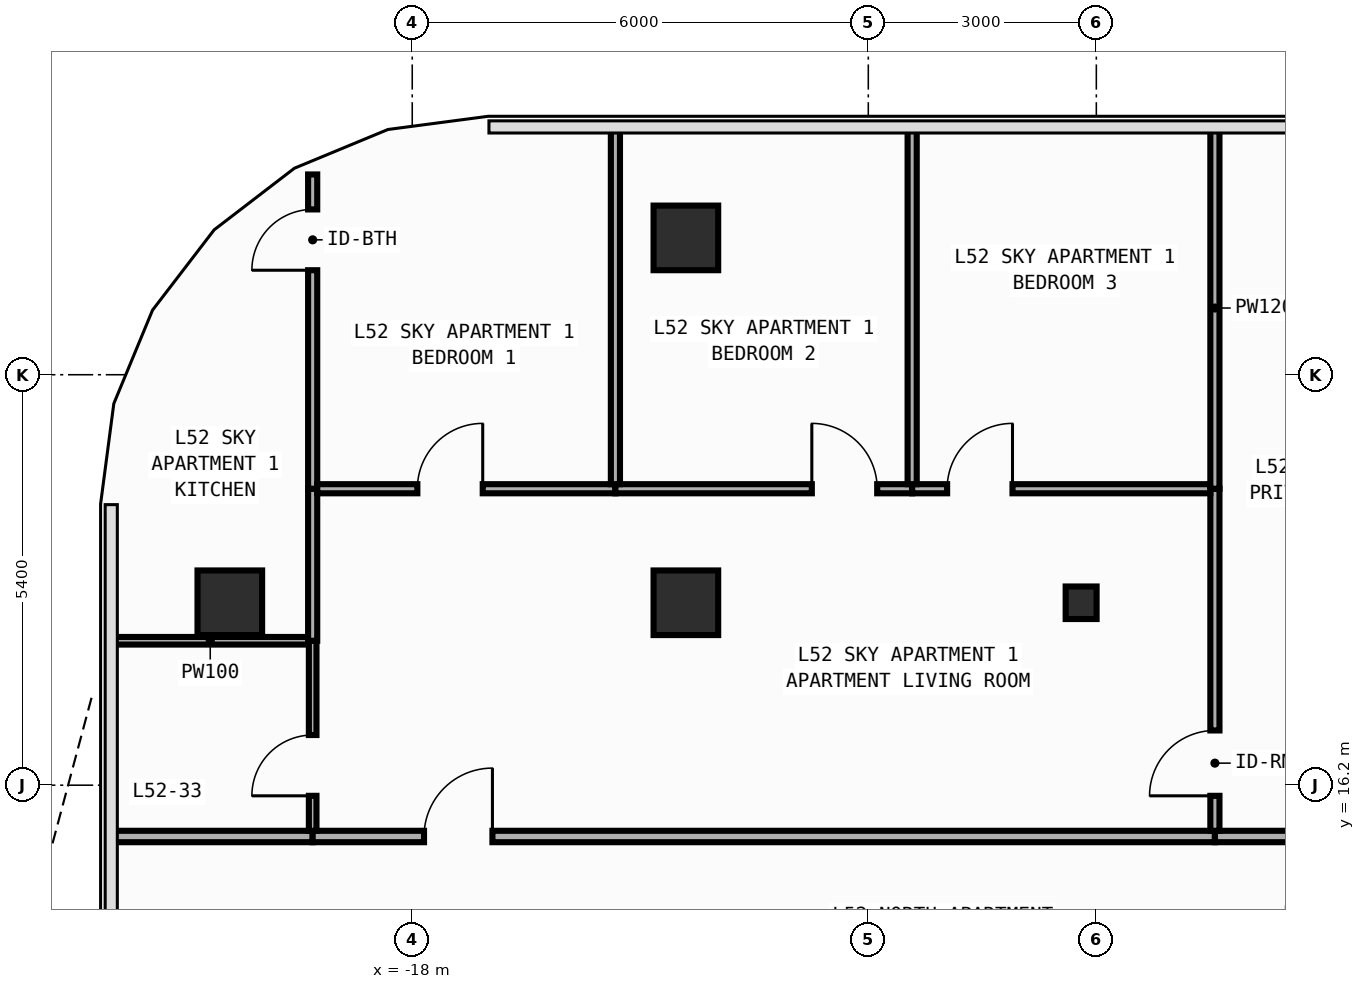
"""IFC4 building model, lengths in metres.
Left out: names, types, materials, properties, quantities, classifications, styles, units other than length and angle.
Written with IfcOpenShell. Run it as: python <this file> out.ifc"""

import sys

from ifc_helpers import new_model, si_unit, direction, frame, frame_2d, origin, origin_2d, place, context, subcontext, project, spatial, rectangle, i_section, extrude, element, fill, save


model = new_model("IFC4")
c1 = context("Model", 3, precision=1e-05, world=origin(), true_north=direction((0.0, 1.0)))
c2 = subcontext(c1, "Body", "Model", "MODEL_VIEW")
j1 = project(units=[si_unit("LENGTHUNIT", "METRE"), si_unit("PLANEANGLEUNIT", "RADIAN")], contexts=[c1])
p1 = place(None, origin())
s1 = spatial("IfcSite", under=j1, at=p1, CompositionType="ELEMENT")
p2 = place(p1, origin())
s2 = spatial("IfcBuilding", under=s1, at=p2, CompositionType="ELEMENT")
p3 = place(p2, frame((0.0, 0.0, 226.0)))
s3 = spatial("IfcBuildingStorey", under=s2, at=p3, CompositionType="ELEMENT", Elevation=226.0)
p4 = place(p3, frame((-9.2, 18.6, 0.0), z_axis=(0.0, 0.0, 1.0), x_axis=(1.0, 0.0, 0.0)))
e1 = element("IfcColumn", 1, at=p4, inside=s3, PredefinedType="COLUMN", context=c2, shape_type="SweptSolid", body=[
    extrude(i_section(OverallWidth=0.407, OverallDepth=0.428, WebThickness=0.02, FlangeThickness=0.035, FilletRadius=0.022, at=origin_2d()), origin(), (0.0, 0.0, 1.0), 3.6),
])
for number, where, z_axis, x_axis in (
    (2, (-20.4, 18.6, 0.0), (0.0, 0.0, 1.0), (1.0, 0.0, 0.0)),
    (3, (-14.4, 18.6, 0.0), (0.0, 0.0, 1.0), (1.0, 0.0, 0.0)),
    (4, (-14.4, 23.4, 0.0), (0.0, 0.0, 1.0), (1.0, 0.0, 0.0)),
):
    element("IfcColumn", number, at=place(p3, frame(where, z_axis=z_axis, x_axis=x_axis)), inside=s3, PredefinedType="COLUMN", context=c2, shape_type="SweptSolid", body=[
        extrude(rectangle(XDim=0.85, YDim=0.85, at=origin_2d()), origin(), (0.0, 0.0, 1.0), 3.6),
    ])
p5 = place(p3, frame((-21.955, 15.525, 0.0), z_axis=(0.0, 0.0, 1.0), x_axis=(1.0, 0.0, 0.0)))
e5 = element("IfcWall", 5, at=p5, inside=s3, PredefinedType="PARTITIONING", context=c2, shape_type="SweptSolid", body=[
    extrude(rectangle(XDim=2.645, YDim=0.15, at=frame_2d((1.323, 0.0))), origin(), (0.0, 0.0, 1.0), 3.34),
])
p6 = place(p3, frame((-19.31, 15.525, 0.0), z_axis=(0.0, 0.0, 1.0), x_axis=(1.0, 0.0, 0.0)))
e6 = element("IfcWall", 6, at=p6, inside=s3, PredefinedType="PARTITIONING", context=c2, shape_type="SweptSolid", body=[
    extrude(rectangle(XDim=11.87, YDim=0.15, at=frame_2d((5.935, 0.0))), origin(), (0.0, 0.0, 1.0), 3.34),
])
p7 = place(p6, frame((1.465, 0.0, 0.0)))
e7 = element("IfcOpeningElement", 7, at=p7, cuts=e6, PredefinedType="OPENING", context=c2, shape_type="SweptSolid", body=[
    extrude(rectangle(XDim=0.9, YDim=2.15, at=frame_2d((0.45, 1.075))), frame((0.0, 0.085, 0.0), z_axis=(0.0, -1.0, 0.0), x_axis=(1.0, 0.0, 0.0)), (0.0, 0.0, 1.0), 0.17),
])
p8 = place(p3, frame((-7.44, 15.525, 0.0), z_axis=(0.0, 0.0, 1.0), x_axis=(1.0, 0.0, 0.0)))
e8 = element("IfcWall", 8, at=p8, inside=s3, PredefinedType="PARTITIONING", context=c2, shape_type="SweptSolid", body=[
    extrude(rectangle(XDim=4.04, YDim=0.15, at=frame_2d((2.02, 0.0))), origin(), (0.0, 0.0, 1.0), 3.34),
])
p9 = place(p3, frame((-21.955, 18.1, 0.0), z_axis=(0.0, 0.0, 1.0), x_axis=(1.0, 0.0, 0.0)))
e9 = element("IfcWall", 9, at=p9, inside=s3, PredefinedType="PARTITIONING", context=c2, shape_type="SweptSolid", body=[
    extrude(rectangle(XDim=2.595, YDim=0.1, at=frame_2d((1.297, 0.0))), origin(), (0.0, 0.0, 1.0), 3.34),
])
p10 = place(p3, frame((-19.31, 15.6, 0.0), z_axis=(0.0, 0.0, 1.0), x_axis=(0.0, 1.0, 0.0)))
e10 = element("IfcWall", 10, at=p10, inside=s3, PredefinedType="PARTITIONING", context=c2, shape_type="SweptSolid", body=[
    extrude(rectangle(XDim=2.5, YDim=0.1, at=frame_2d((1.25, 0.0))), origin(), (0.0, 0.0, 1.0), 3.34),
])
p11 = place(p10, frame((0.46, 0.0, 0.0)))
e11 = element("IfcOpeningElement", 11, at=p11, cuts=e10, PredefinedType="OPENING", context=c2, shape_type="SweptSolid", body=[
    extrude(rectangle(XDim=0.8, YDim=2.1, at=frame_2d((0.4, 1.05))), frame((0.0, 0.06, 0.0), z_axis=(0.0, -1.0, 0.0), x_axis=(1.0, 0.0, 0.0)), (0.0, 0.0, 1.0), 0.12),
])
p12 = place(p3, frame((-19.31, 18.1, 0.0), z_axis=(0.0, 0.0, 1.0), x_axis=(0.0, 1.0, 0.0)))
e12 = element("IfcWall", 12, at=p12, inside=s3, PredefinedType="PARTITIONING", context=c2, shape_type="SweptSolid", body=[
    extrude(rectangle(XDim=2.0, YDim=0.12, at=frame_2d((1.0, 0.0))), origin(), (0.0, 0.0, 1.0), 3.34),
])
p13 = place(p3, frame((-19.31, 20.1, 0.0), z_axis=(0.0, 0.0, 1.0), x_axis=(0.0, 1.0, 0.0)))
e13 = element("IfcWall", 13, at=p13, inside=s3, PredefinedType="PARTITIONING", context=c2, shape_type="SweptSolid", body=[
    extrude(rectangle(XDim=4.135, YDim=0.12, at=frame_2d((2.067, 0.0))), origin(), (0.0, 0.0, 1.0), 3.34),
])
p14 = place(p13, frame((2.875, 0.0, 0.0)))
e14 = element("IfcOpeningElement", 14, at=p14, cuts=e13, PredefinedType="OPENING", context=c2, shape_type="SweptSolid", body=[
    extrude(rectangle(XDim=0.8, YDim=2.1, at=frame_2d((0.4, 1.05))), frame((0.0, 0.07, 0.0), z_axis=(0.0, -1.0, 0.0), x_axis=(1.0, 0.0, 0.0)), (0.0, 0.0, 1.0), 0.14),
])
p15 = place(p3, frame((-7.44, 15.6, 0.0), z_axis=(0.0, 0.0, 1.0), x_axis=(0.0, 1.0, 0.0)))
e15 = element("IfcWall", 15, at=p15, inside=s3, PredefinedType="PARTITIONING", context=c2, shape_type="SweptSolid", body=[
    extrude(rectangle(XDim=4.5, YDim=0.12, at=frame_2d((2.25, 0.0))), origin(), (0.0, 0.0, 1.0), 3.34),
])
p16 = place(p15, frame((0.46, 0.0, 0.0)))
e16 = element("IfcOpeningElement", 16, at=p16, cuts=e15, PredefinedType="OPENING", context=c2, shape_type="SweptSolid", body=[
    extrude(rectangle(XDim=0.86, YDim=2.15, at=frame_2d((0.43, 1.075))), frame((0.0, 0.07, 0.0), z_axis=(0.0, -1.0, 0.0), x_axis=(1.0, 0.0, 0.0)), (0.0, 0.0, 1.0), 0.14),
])
p17 = place(p3, frame((-19.25, 20.1, 0.0), z_axis=(0.0, 0.0, 1.0), x_axis=(1.0, 0.0, 0.0)))
e17 = element("IfcWall", 17, at=p17, inside=s3, PredefinedType="PARTITIONING", context=c2, shape_type="SweptSolid", body=[
    extrude(rectangle(XDim=3.923, YDim=0.12, at=frame_2d((1.961, 0.0))), origin(), (0.0, 0.0, 1.0), 3.34),
])
p18 = place(p17, frame((1.317, 0.0, 0.0)))
e18 = element("IfcOpeningElement", 18, at=p18, cuts=e17, PredefinedType="OPENING", context=c2, shape_type="SweptSolid", body=[
    extrude(rectangle(XDim=0.86, YDim=2.15, at=frame_2d((0.43, 1.075))), frame((0.0, 0.07, 0.0), z_axis=(0.0, -1.0, 0.0), x_axis=(1.0, 0.0, 0.0)), (0.0, 0.0, 1.0), 0.14),
])
p19 = place(p3, frame((-15.327, 20.1, 0.0), z_axis=(0.0, 0.0, 1.0), x_axis=(1.0, 0.0, 0.0)))
e19 = element("IfcWall", 19, at=p19, inside=s3, PredefinedType="PARTITIONING", context=c2, shape_type="SweptSolid", body=[
    extrude(rectangle(XDim=3.904, YDim=0.12, at=frame_2d((1.952, 0.0))), origin(), (0.0, 0.0, 1.0), 3.34),
])
p20 = place(p19, frame((2.584, 0.0, 0.0)))
e20 = element("IfcOpeningElement", 20, at=p20, cuts=e19, PredefinedType="OPENING", context=c2, shape_type="SweptSolid", body=[
    extrude(rectangle(XDim=0.86, YDim=2.15, at=frame_2d((0.43, 1.075))), frame((0.0, 0.07, 0.0), z_axis=(0.0, -1.0, 0.0), x_axis=(1.0, 0.0, 0.0)), (0.0, 0.0, 1.0), 0.14),
])
p21 = place(p3, frame((-11.423, 20.1, 0.0), z_axis=(0.0, 0.0, 1.0), x_axis=(1.0, 0.0, 0.0)))
e21 = element("IfcWall", 21, at=p21, inside=s3, PredefinedType="PARTITIONING", context=c2, shape_type="SweptSolid", body=[
    extrude(rectangle(XDim=3.923, YDim=0.12, at=frame_2d((1.961, 0.0))), origin(), (0.0, 0.0, 1.0), 3.34),
])
p22 = place(p21, frame((0.46, 0.0, 0.0)))
e22 = element("IfcOpeningElement", 22, at=p22, cuts=e21, PredefinedType="OPENING", context=c2, shape_type="SweptSolid", body=[
    extrude(rectangle(XDim=0.86, YDim=2.15, at=frame_2d((0.43, 1.075))), frame((0.0, 0.07, 0.0), z_axis=(0.0, -1.0, 0.0), x_axis=(1.0, 0.0, 0.0)), (0.0, 0.0, 1.0), 0.14),
])
p23 = place(p3, frame((-7.44, 20.1, 0.0), z_axis=(0.0, 0.0, 1.0), x_axis=(0.0, 1.0, 0.0)))
e23 = element("IfcWall", 23, at=p23, inside=s3, PredefinedType="PARTITIONING", context=c2, shape_type="SweptSolid", body=[
    extrude(rectangle(XDim=4.755, YDim=0.12, at=frame_2d((2.377, 0.0))), origin(), (0.0, 0.0, 1.0), 3.34),
])
for number, where, z_axis, x_axis in (
    (24, (-15.327, 20.16, 0.0), (0.0, 0.0, 1.0), (0.0, 1.0, 0.0)),
    (25, (-11.423, 20.16, 0.0), (0.0, 0.0, 1.0), (0.0, 1.0, 0.0)),
):
    element("IfcWall", number, at=place(p3, frame(where, z_axis=z_axis, x_axis=x_axis)), inside=s3, PredefinedType="PARTITIONING", context=c2, shape_type="SweptSolid", body=[
        extrude(rectangle(XDim=4.695, YDim=0.12, at=frame_2d((2.348, 0.0))), origin(), (0.0, 0.0, 1.0), 3.34),
    ])
p24 = place(p7, origin())
e26 = element("IfcDoor", 26, at=p24, inside=s3, OperationType="SINGLE_SWING_RIGHT", PredefinedType="DOOR", context=c2, shape_type="SweptSolid", body=[
    extrude(rectangle(XDim=0.9, YDim=2.15, at=frame_2d((0.45, 1.075))), frame((0.0, 0.025, 0.0), z_axis=(0.0, -1.0, 0.0), x_axis=(1.0, 0.0, 0.0)), (0.0, 0.0, 1.0), 0.05),
])
fill(e7, e26)
p25 = place(p11, origin())
e27 = element("IfcDoor", 27, at=p25, inside=s3, OperationType="SINGLE_SWING_LEFT", PredefinedType="DOOR", context=c2, shape_type="SweptSolid", body=[
    extrude(rectangle(XDim=0.8, YDim=2.1, at=frame_2d((0.4, 1.05))), frame((0.0, 0.025, 0.0), z_axis=(0.0, -1.0, 0.0), x_axis=(1.0, 0.0, 0.0)), (0.0, 0.0, 1.0), 0.05),
])
fill(e11, e27)
p26 = place(p16, origin())
e28 = element("IfcDoor", 28, at=p26, inside=s3, OperationType="SINGLE_SWING_LEFT", PredefinedType="DOOR", context=c2, shape_type="SweptSolid", body=[
    extrude(rectangle(XDim=0.86, YDim=2.15, at=frame_2d((0.43, 1.075))), frame((0.0, 0.025, 0.0), z_axis=(0.0, -1.0, 0.0), x_axis=(1.0, 0.0, 0.0)), (0.0, 0.0, 1.0), 0.05),
])
fill(e16, e28)
p27 = place(p18, origin())
e29 = element("IfcDoor", 29, at=p27, inside=s3, OperationType="SINGLE_SWING_RIGHT", PredefinedType="DOOR", context=c2, shape_type="SweptSolid", body=[
    extrude(rectangle(XDim=0.86, YDim=2.15, at=frame_2d((0.43, 1.075))), frame((0.0, 0.025, 0.0), z_axis=(0.0, -1.0, 0.0), x_axis=(1.0, 0.0, 0.0)), (0.0, 0.0, 1.0), 0.05),
])
fill(e18, e29)
p28 = place(p20, origin())
e30 = element("IfcDoor", 30, at=p28, inside=s3, OperationType="SINGLE_SWING_LEFT", PredefinedType="DOOR", context=c2, shape_type="SweptSolid", body=[
    extrude(rectangle(XDim=0.86, YDim=2.15, at=frame_2d((0.43, 1.075))), frame((0.0, 0.025, 0.0), z_axis=(0.0, -1.0, 0.0), x_axis=(1.0, 0.0, 0.0)), (0.0, 0.0, 1.0), 0.05),
])
fill(e20, e30)
p29 = place(p22, origin())
e31 = element("IfcDoor", 31, at=p29, inside=s3, OperationType="SINGLE_SWING_RIGHT", PredefinedType="DOOR", context=c2, shape_type="SweptSolid", body=[
    extrude(rectangle(XDim=0.86, YDim=2.15, at=frame_2d((0.43, 1.075))), frame((0.0, 0.025, 0.0), z_axis=(0.0, -1.0, 0.0), x_axis=(1.0, 0.0, 0.0)), (0.0, 0.0, 1.0), 0.05),
])
fill(e22, e31)
p30 = place(p14, origin())
e32 = element("IfcDoor", 32, at=p30, inside=s3, OperationType="SINGLE_SWING_LEFT", PredefinedType="DOOR", context=c2, shape_type="SweptSolid", body=[
    extrude(rectangle(XDim=0.8, YDim=2.1, at=frame_2d((0.4, 1.05))), frame((0.0, 0.025, 0.0), z_axis=(0.0, -1.0, 0.0), x_axis=(1.0, 0.0, 0.0)), (0.0, 0.0, 1.0), 0.05),
])
fill(e14, e32)
save(model, sys.argv[1])

***

▶ [What is being asked]: From the records above, copy each line in which the string "COLUMN" occurs.

▶ [Exercise output]:
e1 = element("IfcColumn", 1, at=p4, inside=s3, PredefinedType="COLUMN", context=c2, shape_type="SweptSolid", body=[
    element("IfcColumn", number, at=place(p3, frame(where, z_axis=z_axis, x_axis=x_axis)), inside=s3, PredefinedType="COLUMN", context=c2, shape_type="SweptSolid", body=[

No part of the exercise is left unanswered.